[Extracted data entries]
--- --- ---

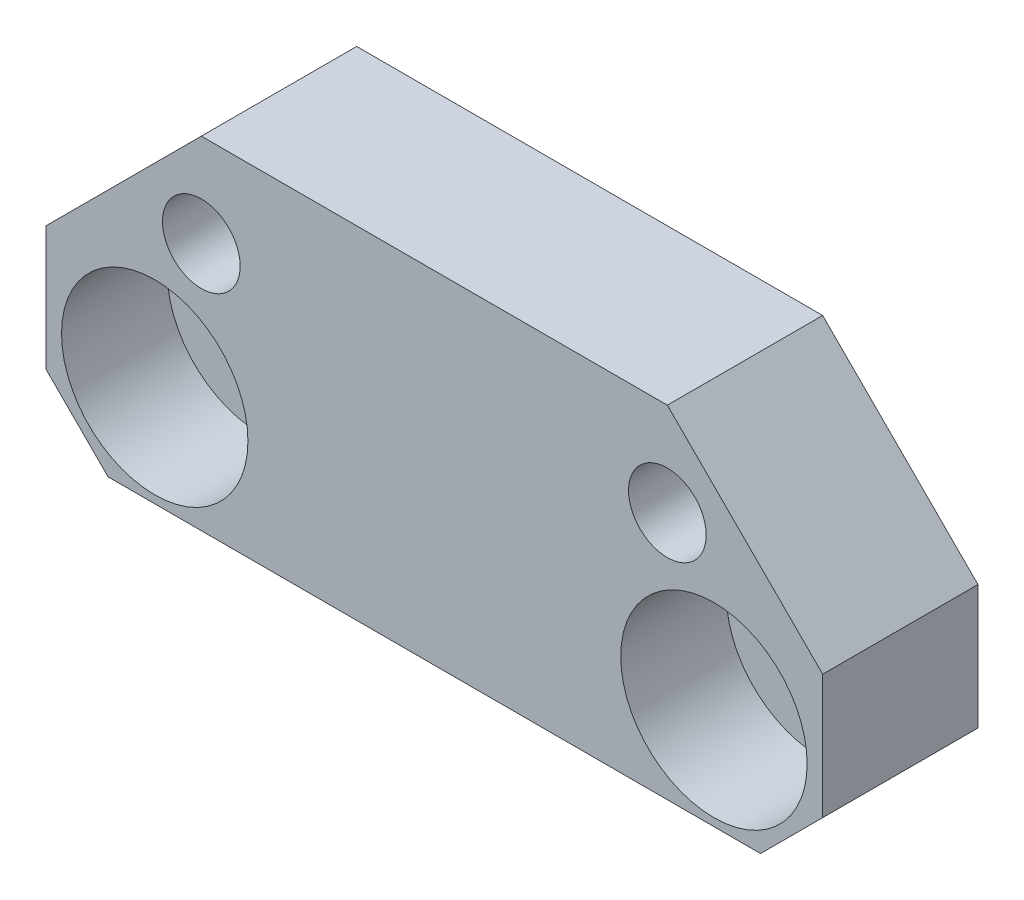
from build123d import *

# Parameters (mm, degrees)
SKETCH1_W                                           = 8.5
SKETCH1_H                                           = 3.5
BOSS_EXTRUDE1_DEPTH                                 = 2.5
M3_TAPPED_HOLE1_D                                   = 2.5
HOLE_SIZE_BY_SOCKET_HEAD_CAP_SCREW_TYPE_D           = 3.4
HOLE_SIZE_BY_SOCKET_HEAD_CAP_SCREW_TYPE_CBORE_D     = 6
HOLE_SIZE_BY_SOCKET_HEAD_CAP_SCREW_TYPE_CBORE_DEPTH = 3.4
CHAMFER2_SIZE                                       = 5
CHAMFER3_SIZE                                       = 2


with BuildPart() as part:
    # Sketch1 → Boss-Extrude1 (new, symmetric)
    with BuildSketch(Plane.XY):
        Polygon((-12.5, 2), (-12.5, -5.5), (12.5, -5.5), (12.5, 2), (4, 2), (4, 5.5), (-4, 5.5), (-4, 2), align=None)
        with Locations((8.25, 3.75)):
            Rectangle(SKETCH1_W, SKETCH1_H)
        with Locations((-8.25, 3.75)):
            Rectangle(SKETCH1_W, SKETCH1_H)
    extrude(amount=BOSS_EXTRUDE1_DEPTH, both=True)

    # M3 Tapped Hole1 (through all)
    with Locations(Plane.XY.offset(2.5)):
        with Locations((-7.5, 2.5), (7.5, 2.5)):
            Hole(M3_TAPPED_HOLE1_D / 2)

    # Hole size (by socket head cap screw type)1 (through all)
    with Locations(Plane.XY.offset(2.5)):
        with Locations((9, -2.25), (-9, -2.25)):
            CounterBoreHole(HOLE_SIZE_BY_SOCKET_HEAD_CAP_SCREW_TYPE_D / 2, HOLE_SIZE_BY_SOCKET_HEAD_CAP_SCREW_TYPE_CBORE_D / 2, HOLE_SIZE_BY_SOCKET_HEAD_CAP_SCREW_TYPE_CBORE_DEPTH)

    # Chamfer2
    chamfer2_edges = [part.edges().sort_by_distance(p)[0] for p in [
        (12.5, 5.5, 0),
        (-12.5, 5.5, 0),
    ]]
    chamfer(chamfer2_edges, length=CHAMFER2_SIZE)

    # Chamfer3
    chamfer3_edges = [part.edges().sort_by_distance(p)[0] for p in [
        (12.5, -5.5, 0),
        (-12.5, -5.5, 0),
    ]]
    chamfer(chamfer3_edges, length=CHAMFER3_SIZE)


solid = part.part

--- --- ---

Write out every line of the data that holds the word "Locations".

        with Locations((8.25, 3.75)):
        with Locations((-8.25, 3.75)):
    with Locations(Plane.XY.offset(2.5)):
        with Locations((-7.5, 2.5), (7.5, 2.5)):
    with Locations(Plane.XY.offset(2.5)):
        with Locations((9, -2.25), (-9, -2.25)):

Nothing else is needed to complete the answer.